Your objective. Quote only the span from the first line of the entries to the line containing "from ifc_helpers import", both ends kept. Leave every picture out.
** Opening Exercise material block **
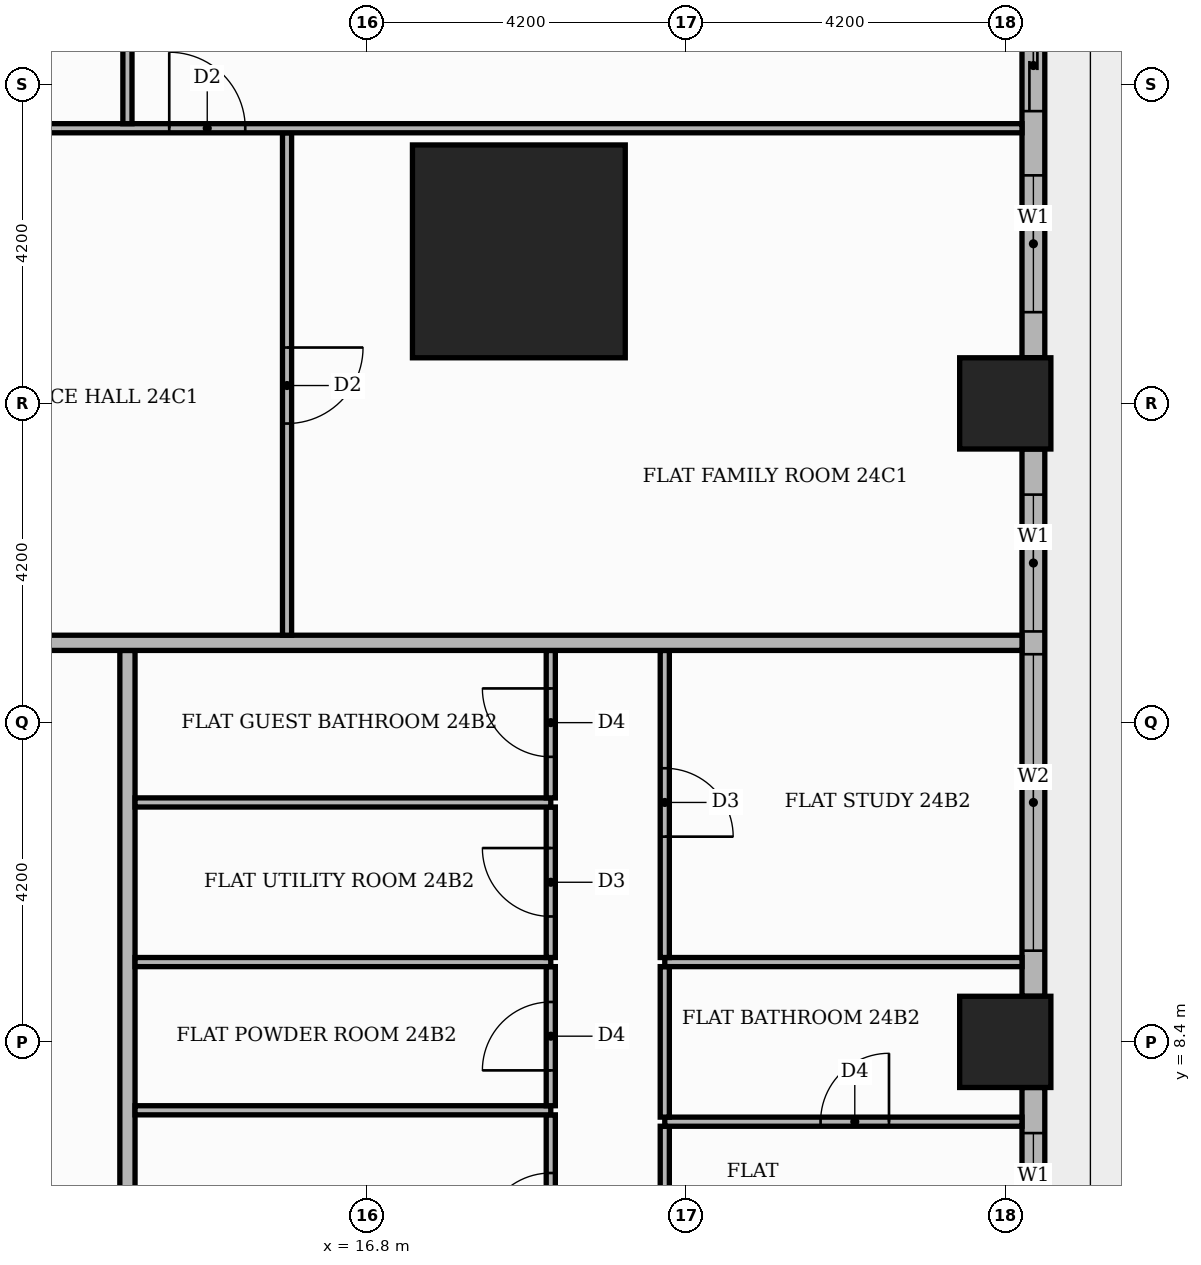
"""IFC4 building model, lengths in metres.
Left out: names, types, materials, properties, quantities, classifications, styles, units other than length and angle.
Written with IfcOpenShell. Run it as: python <this file> out.ifc"""

import sys

from ifc_helpers import new_model, si_unit, direction, frame, frame_2d, origin, origin_2d, place, context, subcontext, project, spatial, rectangle, extrude, element, fill, save


model = new_model("IFC4")
c1 = context("Model", 3, precision=1e-05, world=origin(), true_north=direction((0.0, 1.0)))
c2 = subcontext(c1, "Body", "Model", "MODEL_VIEW")
j1 = project(units=[si_unit("LENGTHUNIT", "METRE"), si_unit("PLANEANGLEUNIT", "RADIAN")], contexts=[c1])
p1 = place(None, origin())
s1 = spatial("IfcSite", under=j1, at=p1, CompositionType="ELEMENT")
p2 = place(p1, origin())
s2 = spatial("IfcBuilding", under=s1, at=p2, CompositionType="ELEMENT")
p3 = place(p2, frame((0.0, 0.0, 102.6)))
s3 = spatial("IfcBuildingStorey", under=s2, at=p3, CompositionType="ELEMENT", Elevation=102.6)
p4 = place(p3, frame((18.8, 18.8, 0.0), z_axis=(0.0, 0.0, 1.0), x_axis=(1.0, 0.0, 0.0)))
e1 = element("IfcColumn", 1, at=p4, inside=s3, PredefinedType="COLUMN", context=c2, shape_type="SweptSolid", body=[
    extrude(rectangle(XDim=2.8, YDim=2.8, at=origin_2d()), origin(), (0.0, 0.0, 1.0), 3.9),
])
for number, where, z_axis, x_axis in (
    (2, (25.2, 8.4, 0.0), (0.0, 0.0, 1.0), (1.0, 0.0, 0.0)),
    (3, (25.2, 16.8, 0.0), (0.0, 0.0, 1.0), (1.0, 0.0, 0.0)),
):
    element("IfcColumn", number, at=place(p3, frame(where, z_axis=z_axis, x_axis=x_axis)), inside=s3, PredefinedType="COLUMN", context=c2, shape_type="SweptSolid", body=[
        extrude(rectangle(XDim=1.2, YDim=1.2, at=origin_2d()), origin(), (0.0, 0.0, 1.0), 3.9),
    ])
p5 = place(p3, frame((25.57, 0.6, 0.0), z_axis=(0.0, 0.0, 1.0), x_axis=(0.0, 1.0, 0.0)))
e4 = element("IfcWall", 4, at=p5, inside=s3, PredefinedType="STANDARD", context=c2, shape_type="SweptSolid", body=[
    extrude(rectangle(XDim=7.2, YDim=0.3, at=frame_2d((3.6, 0.0))), origin(), (0.0, 0.0, 1.0), 3.48),
])
p6 = place(p5, frame((0.6, 0.0, 0.0)))
e5 = element("IfcOpeningElement", 5, at=p6, cuts=e4, PredefinedType="OPENING", context=c2, shape_type="SweptSolid", body=[
    extrude(rectangle(XDim=1.8, YDim=2.4, at=frame_2d((0.9, 1.2))), frame((0.0, 0.16, 0.0), z_axis=(0.0, -1.0, 0.0), x_axis=(1.0, 0.0, 0.0)), (0.0, 0.0, 1.0), 0.32),
])
p7 = place(p5, frame((2.7, 0.0, 0.9)))
e6 = element("IfcOpeningElement", 6, at=p7, cuts=e4, PredefinedType="OPENING", context=c2, shape_type="SweptSolid", body=[
    extrude(rectangle(XDim=1.8, YDim=2.1, at=frame_2d((0.9, 1.05))), frame((0.0, 0.16, 0.0), z_axis=(0.0, -1.0, 0.0), x_axis=(1.0, 0.0, 0.0)), (0.0, 0.0, 1.0), 0.32),
])
p8 = place(p5, frame((4.8, 0.0, 0.9)))
e7 = element("IfcOpeningElement", 7, at=p8, cuts=e4, PredefinedType="OPENING", context=c2, shape_type="SweptSolid", body=[
    extrude(rectangle(XDim=1.8, YDim=2.1, at=frame_2d((0.9, 1.05))), frame((0.0, 0.16, 0.0), z_axis=(0.0, -1.0, 0.0), x_axis=(1.0, 0.0, 0.0)), (0.0, 0.0, 1.0), 0.32),
])
p9 = place(p3, frame((25.57, 9.0, 0.0), z_axis=(0.0, 0.0, 1.0), x_axis=(0.0, 1.0, 0.0)))
e8 = element("IfcWall", 8, at=p9, inside=s3, PredefinedType="STANDARD", context=c2, shape_type="SweptSolid", body=[
    extrude(rectangle(XDim=7.2, YDim=0.3, at=frame_2d((3.6, 0.0))), origin(), (0.0, 0.0, 1.0), 3.48),
])
p10 = place(p9, frame((0.6, 0.0, 0.9)))
e9 = element("IfcOpeningElement", 9, at=p10, cuts=e8, PredefinedType="OPENING", context=c2, shape_type="SweptSolid", body=[
    extrude(rectangle(XDim=3.9, YDim=2.1, at=frame_2d((1.95, 1.05))), frame((0.0, 0.16, 0.0), z_axis=(0.0, -1.0, 0.0), x_axis=(1.0, 0.0, 0.0)), (0.0, 0.0, 1.0), 0.32),
])
p11 = place(p9, frame((4.8, 0.0, 0.9)))
e10 = element("IfcOpeningElement", 10, at=p11, cuts=e8, PredefinedType="OPENING", context=c2, shape_type="SweptSolid", body=[
    extrude(rectangle(XDim=1.8, YDim=2.1, at=frame_2d((0.9, 1.05))), frame((0.0, 0.16, 0.0), z_axis=(0.0, -1.0, 0.0), x_axis=(1.0, 0.0, 0.0)), (0.0, 0.0, 1.0), 0.32),
])
p12 = place(p3, frame((25.57, 17.4, 0.0), z_axis=(0.0, 0.0, 1.0), x_axis=(0.0, 1.0, 0.0)))
e11 = element("IfcWall", 11, at=p12, inside=s3, PredefinedType="STANDARD", context=c2, shape_type="SweptSolid", body=[
    extrude(rectangle(XDim=4.82, YDim=0.3, at=frame_2d((2.41, 0.0))), origin(), (0.0, 0.0, 1.0), 3.48),
])
p13 = place(p12, frame((0.6, 0.0, 0.9)))
e12 = element("IfcOpeningElement", 12, at=p13, cuts=e11, PredefinedType="OPENING", context=c2, shape_type="SweptSolid", body=[
    extrude(rectangle(XDim=1.8, YDim=2.1, at=frame_2d((0.9, 1.05))), frame((0.0, 0.16, 0.0), z_axis=(0.0, -1.0, 0.0), x_axis=(1.0, 0.0, 0.0)), (0.0, 0.0, 1.0), 0.32),
])
p14 = place(p12, frame((3.245, 0.0, 0.0)))
e13 = element("IfcOpeningElement", 13, at=p14, cuts=e11, PredefinedType="OPENING", context=c2, shape_type="SweptSolid", body=[
    extrude(rectangle(XDim=1.2, YDim=2.4, at=frame_2d((0.6, 1.2))), frame((0.0, 0.16, 0.0), z_axis=(0.0, -1.0, 0.0), x_axis=(1.0, 0.0, 0.0)), (0.0, 0.0, 1.0), 0.32),
])
p15 = place(p3, frame((13.65, -5.15, 0.0), z_axis=(0.0, 0.0, 1.0), x_axis=(0.0, 1.0, 0.0)))
e14 = element("IfcWall", 14, at=p15, inside=s3, PredefinedType="PARTITIONING", context=c2, shape_type="SweptSolid", body=[
    extrude(rectangle(XDim=18.7, YDim=0.2, at=frame_2d((9.35, 0.0))), origin(), (0.0, 0.0, 1.0), 3.48),
])
p16 = place(p15, frame((1.45, 0.0, 0.0)))
e15 = element("IfcOpeningElement", 15, at=p16, cuts=e14, PredefinedType="OPENING", context=c2, shape_type="SweptSolid", body=[
    extrude(rectangle(XDim=1.1, YDim=2.4, at=frame_2d((0.55, 1.2))), frame((0.0, 0.11, 0.0), z_axis=(0.0, -1.0, 0.0), x_axis=(1.0, 0.0, 0.0)), (0.0, 0.0, 1.0), 0.22),
])
p17 = place(p3, frame((19.22, 5.01, 0.0), z_axis=(0.0, 0.0, 1.0), x_axis=(0.0, 1.0, 0.0)))
e16 = element("IfcWall", 16, at=p17, inside=s3, PredefinedType="PARTITIONING", context=c2, shape_type="SweptSolid", body=[
    extrude(rectangle(XDim=2.43, YDim=0.12, at=frame_2d((1.215, 0.0))), origin(), (0.0, 0.0, 1.0), 3.48),
])
p18 = place(p17, frame((0.765, 0.0, 0.0)))
e17 = element("IfcOpeningElement", 17, at=p18, cuts=e16, PredefinedType="OPENING", context=c2, shape_type="SweptSolid", body=[
    extrude(rectangle(XDim=0.9, YDim=2.1, at=frame_2d((0.45, 1.05))), frame((0.0, 0.07, 0.0), z_axis=(0.0, -1.0, 0.0), x_axis=(1.0, 0.0, 0.0)), (0.0, 0.0, 1.0), 0.14),
])
p19 = place(p3, frame((20.72, 5.31, 0.0), z_axis=(0.0, 0.0, 1.0), x_axis=(0.0, 1.0, 0.0)))
e18 = element("IfcWall", 18, at=p19, inside=s3, PredefinedType="PARTITIONING", context=c2, shape_type="SweptSolid", body=[
    extrude(rectangle(XDim=1.98, YDim=0.12, at=frame_2d((0.99, 0.0))), origin(), (0.0, 0.0, 1.0), 3.48),
])
p20 = place(p3, frame((20.72, 7.35, 0.0), z_axis=(0.0, 0.0, 1.0), x_axis=(1.0, 0.0, 0.0)))
e19 = element("IfcWall", 19, at=p20, inside=s3, PredefinedType="PARTITIONING", context=c2, shape_type="SweptSolid", body=[
    extrude(rectangle(XDim=4.7, YDim=0.12, at=frame_2d((2.35, 0.0))), origin(), (0.0, 0.0, 1.0), 3.48),
])
p21 = place(p20, frame((2.05, 0.0, 0.0)))
e20 = element("IfcOpeningElement", 20, at=p21, cuts=e19, PredefinedType="OPENING", context=c2, shape_type="SweptSolid", body=[
    extrude(rectangle(XDim=0.9, YDim=2.1, at=frame_2d((0.45, 1.05))), frame((0.0, 0.07, 0.0), z_axis=(0.0, -1.0, 0.0), x_axis=(1.0, 0.0, 0.0)), (0.0, 0.0, 1.0), 0.14),
])
p22 = place(p3, frame((20.72, 7.41, 0.0), z_axis=(0.0, 0.0, 1.0), x_axis=(0.0, 1.0, 0.0)))
e21 = element("IfcWall", 21, at=p22, inside=s3, PredefinedType="PARTITIONING", context=c2, shape_type="SweptSolid", body=[
    extrude(rectangle(XDim=1.98, YDim=0.12, at=frame_2d((0.99, 0.0))), origin(), (0.0, 0.0, 1.0), 3.48),
])
p23 = place(p3, frame((13.75, 7.5, 0.0), z_axis=(0.0, 0.0, 1.0), x_axis=(1.0, 0.0, 0.0)))
e22 = element("IfcWall", 22, at=p23, inside=s3, PredefinedType="PARTITIONING", context=c2, shape_type="SweptSolid", body=[
    extrude(rectangle(XDim=5.47, YDim=0.12, at=frame_2d((2.735, 0.0))), origin(), (0.0, 0.0, 1.0), 3.48),
])
p24 = place(p3, frame((19.22, 7.56, 0.0), z_axis=(0.0, 0.0, 1.0), x_axis=(0.0, 1.0, 0.0)))
e23 = element("IfcWall", 23, at=p24, inside=s3, PredefinedType="PARTITIONING", context=c2, shape_type="SweptSolid", body=[
    extrude(rectangle(XDim=1.83, YDim=0.12, at=frame_2d((0.915, 0.0))), origin(), (0.0, 0.0, 1.0), 3.48),
])
p25 = place(p24, frame((0.465, 0.0, 0.0)))
e24 = element("IfcOpeningElement", 24, at=p25, cuts=e23, PredefinedType="OPENING", context=c2, shape_type="SweptSolid", body=[
    extrude(rectangle(XDim=0.9, YDim=2.1, at=frame_2d((0.45, 1.05))), frame((0.0, 0.07, 0.0), z_axis=(0.0, -1.0, 0.0), x_axis=(1.0, 0.0, 0.0)), (0.0, 0.0, 1.0), 0.14),
])
p26 = place(p3, frame((13.75, 9.45, 0.0), z_axis=(0.0, 0.0, 1.0), x_axis=(1.0, 0.0, 0.0)))
e25 = element("IfcWall", 25, at=p26, inside=s3, PredefinedType="PARTITIONING", context=c2, shape_type="SweptSolid", body=[
    extrude(rectangle(XDim=5.47, YDim=0.12, at=frame_2d((2.735, 0.0))), origin(), (0.0, 0.0, 1.0), 3.48),
])
p27 = place(p3, frame((20.72, 9.45, 0.0), z_axis=(0.0, 0.0, 1.0), x_axis=(1.0, 0.0, 0.0)))
e26 = element("IfcWall", 26, at=p27, inside=s3, PredefinedType="PARTITIONING", context=c2, shape_type="SweptSolid", body=[
    extrude(rectangle(XDim=4.7, YDim=0.12, at=frame_2d((2.35, 0.0))), origin(), (0.0, 0.0, 1.0), 3.48),
])
p28 = place(p3, frame((19.22, 9.51, 0.0), z_axis=(0.0, 0.0, 1.0), x_axis=(0.0, 1.0, 0.0)))
e27 = element("IfcWall", 27, at=p28, inside=s3, PredefinedType="PARTITIONING", context=c2, shape_type="SweptSolid", body=[
    extrude(rectangle(XDim=1.98, YDim=0.12, at=frame_2d((0.99, 0.0))), origin(), (0.0, 0.0, 1.0), 3.48),
])
p29 = place(p28, frame((0.54, 0.0, 0.0)))
e28 = element("IfcOpeningElement", 28, at=p29, cuts=e27, PredefinedType="OPENING", context=c2, shape_type="SweptSolid", body=[
    extrude(rectangle(XDim=0.9, YDim=2.1, at=frame_2d((0.45, 1.05))), frame((0.0, 0.07, 0.0), z_axis=(0.0, -1.0, 0.0), x_axis=(1.0, 0.0, 0.0)), (0.0, 0.0, 1.0), 0.14),
])
p30 = place(p3, frame((20.72, 9.51, 0.0), z_axis=(0.0, 0.0, 1.0), x_axis=(0.0, 1.0, 0.0)))
e29 = element("IfcWall", 29, at=p30, inside=s3, PredefinedType="PARTITIONING", context=c2, shape_type="SweptSolid", body=[
    extrude(rectangle(XDim=4.04, YDim=0.12, at=frame_2d((2.02, 0.0))), origin(), (0.0, 0.0, 1.0), 3.48),
])
p31 = place(p30, frame((1.59, 0.0, 0.0)))
e30 = element("IfcOpeningElement", 30, at=p31, cuts=e29, PredefinedType="OPENING", context=c2, shape_type="SweptSolid", body=[
    extrude(rectangle(XDim=0.9, YDim=2.1, at=frame_2d((0.45, 1.05))), frame((0.0, 0.07, 0.0), z_axis=(0.0, -1.0, 0.0), x_axis=(1.0, 0.0, 0.0)), (0.0, 0.0, 1.0), 0.14),
])
p32 = place(p3, frame((13.75, 11.55, 0.0), z_axis=(0.0, 0.0, 1.0), x_axis=(1.0, 0.0, 0.0)))
e31 = element("IfcWall", 31, at=p32, inside=s3, PredefinedType="PARTITIONING", context=c2, shape_type="SweptSolid", body=[
    extrude(rectangle(XDim=5.47, YDim=0.12, at=frame_2d((2.735, 0.0))), origin(), (0.0, 0.0, 1.0), 3.48),
])
p33 = place(p3, frame((19.22, 11.61, 0.0), z_axis=(0.0, 0.0, 1.0), x_axis=(0.0, 1.0, 0.0)))
e32 = element("IfcWall", 32, at=p33, inside=s3, PredefinedType="PARTITIONING", context=c2, shape_type="SweptSolid", body=[
    extrude(rectangle(XDim=1.94, YDim=0.12, at=frame_2d((0.97, 0.0))), origin(), (0.0, 0.0, 1.0), 3.48),
])
p34 = place(p33, frame((0.54, 0.0, 0.0)))
e33 = element("IfcOpeningElement", 33, at=p34, cuts=e32, PredefinedType="OPENING", context=c2, shape_type="SweptSolid", body=[
    extrude(rectangle(XDim=0.9, YDim=2.1, at=frame_2d((0.45, 1.05))), frame((0.0, 0.07, 0.0), z_axis=(0.0, -1.0, 0.0), x_axis=(1.0, 0.0, 0.0)), (0.0, 0.0, 1.0), 0.14),
])
p35 = place(p3, frame((-13.65, 13.65, 0.0), z_axis=(0.0, 0.0, 1.0), x_axis=(1.0, 0.0, 0.0)))
e34 = element("IfcWall", 34, at=p35, inside=s3, PredefinedType="PARTITIONING", context=c2, shape_type="SweptSolid", body=[
    extrude(rectangle(XDim=39.07, YDim=0.2, at=frame_2d((19.535, 0.0))), origin(), (0.0, 0.0, 1.0), 3.48),
])
p36 = place(p35, frame((24.65, 0.0, 0.0)))
e35 = element("IfcOpeningElement", 35, at=p36, cuts=e34, PredefinedType="OPENING", context=c2, shape_type="SweptSolid", body=[
    extrude(rectangle(XDim=1.1, YDim=2.4, at=frame_2d((0.55, 1.2))), frame((0.0, 0.11, 0.0), z_axis=(0.0, -1.0, 0.0), x_axis=(1.0, 0.0, 0.0)), (0.0, 0.0, 1.0), 0.22),
])
p37 = place(p35, frame((14.15, 0.0, 0.0)))
e36 = element("IfcOpeningElement", 36, at=p37, cuts=e34, PredefinedType="OPENING", context=c2, shape_type="SweptSolid", body=[
    extrude(rectangle(XDim=1.1, YDim=2.4, at=frame_2d((0.55, 1.2))), frame((0.0, 0.11, 0.0), z_axis=(0.0, -1.0, 0.0), x_axis=(1.0, 0.0, 0.0)), (0.0, 0.0, 1.0), 0.22),
])
p38 = place(p3, frame((15.75, 13.75, 0.0), z_axis=(0.0, 0.0, 1.0), x_axis=(0.0, 1.0, 0.0)))
e37 = element("IfcWall", 37, at=p38, inside=s3, PredefinedType="PARTITIONING", context=c2, shape_type="SweptSolid", body=[
    extrude(rectangle(XDim=6.61, YDim=0.12, at=frame_2d((3.305, 0.0))), origin(), (0.0, 0.0, 1.0), 3.48),
])
p39 = place(p38, frame((2.785, 0.0, 0.0)))
e38 = element("IfcOpeningElement", 38, at=p39, cuts=e37, PredefinedType="OPENING", context=c2, shape_type="SweptSolid", body=[
    extrude(rectangle(XDim=1.0, YDim=2.1, at=frame_2d((0.5, 1.05))), frame((0.0, 0.07, 0.0), z_axis=(0.0, -1.0, 0.0), x_axis=(1.0, 0.0, 0.0)), (0.0, 0.0, 1.0), 0.14),
])
p40 = place(p3, frame((5.35, 20.42, 0.0), z_axis=(0.0, 0.0, 1.0), x_axis=(1.0, 0.0, 0.0)))
e39 = element("IfcWall", 39, at=p40, inside=s3, PredefinedType="PARTITIONING", context=c2, shape_type="SweptSolid", body=[
    extrude(rectangle(XDim=20.07, YDim=0.12, at=frame_2d((10.035, 0.0))), origin(), (0.0, 0.0, 1.0), 3.48),
])
p41 = place(p40, frame((8.85, 0.0, 0.0)))
e40 = element("IfcOpeningElement", 40, at=p41, cuts=e39, PredefinedType="OPENING", context=c2, shape_type="SweptSolid", body=[
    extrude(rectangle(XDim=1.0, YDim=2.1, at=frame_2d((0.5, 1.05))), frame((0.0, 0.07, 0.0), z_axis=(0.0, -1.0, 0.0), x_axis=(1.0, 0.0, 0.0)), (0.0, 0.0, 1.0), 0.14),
** Closing Exercise material block **
Task answer.
"""IFC4 building model, lengths in metres.
Left out: names, types, materials, properties, quantities, classifications, styles, units other than length and angle.
Written with IfcOpenShell. Run it as: python <this file> out.ifc"""

import sys

from ifc_helpers import new_model, si_unit, direction, frame, frame_2d, origin, origin_2d, place, context, subcontext, project, spatial, rectangle, extrude, element, fill, save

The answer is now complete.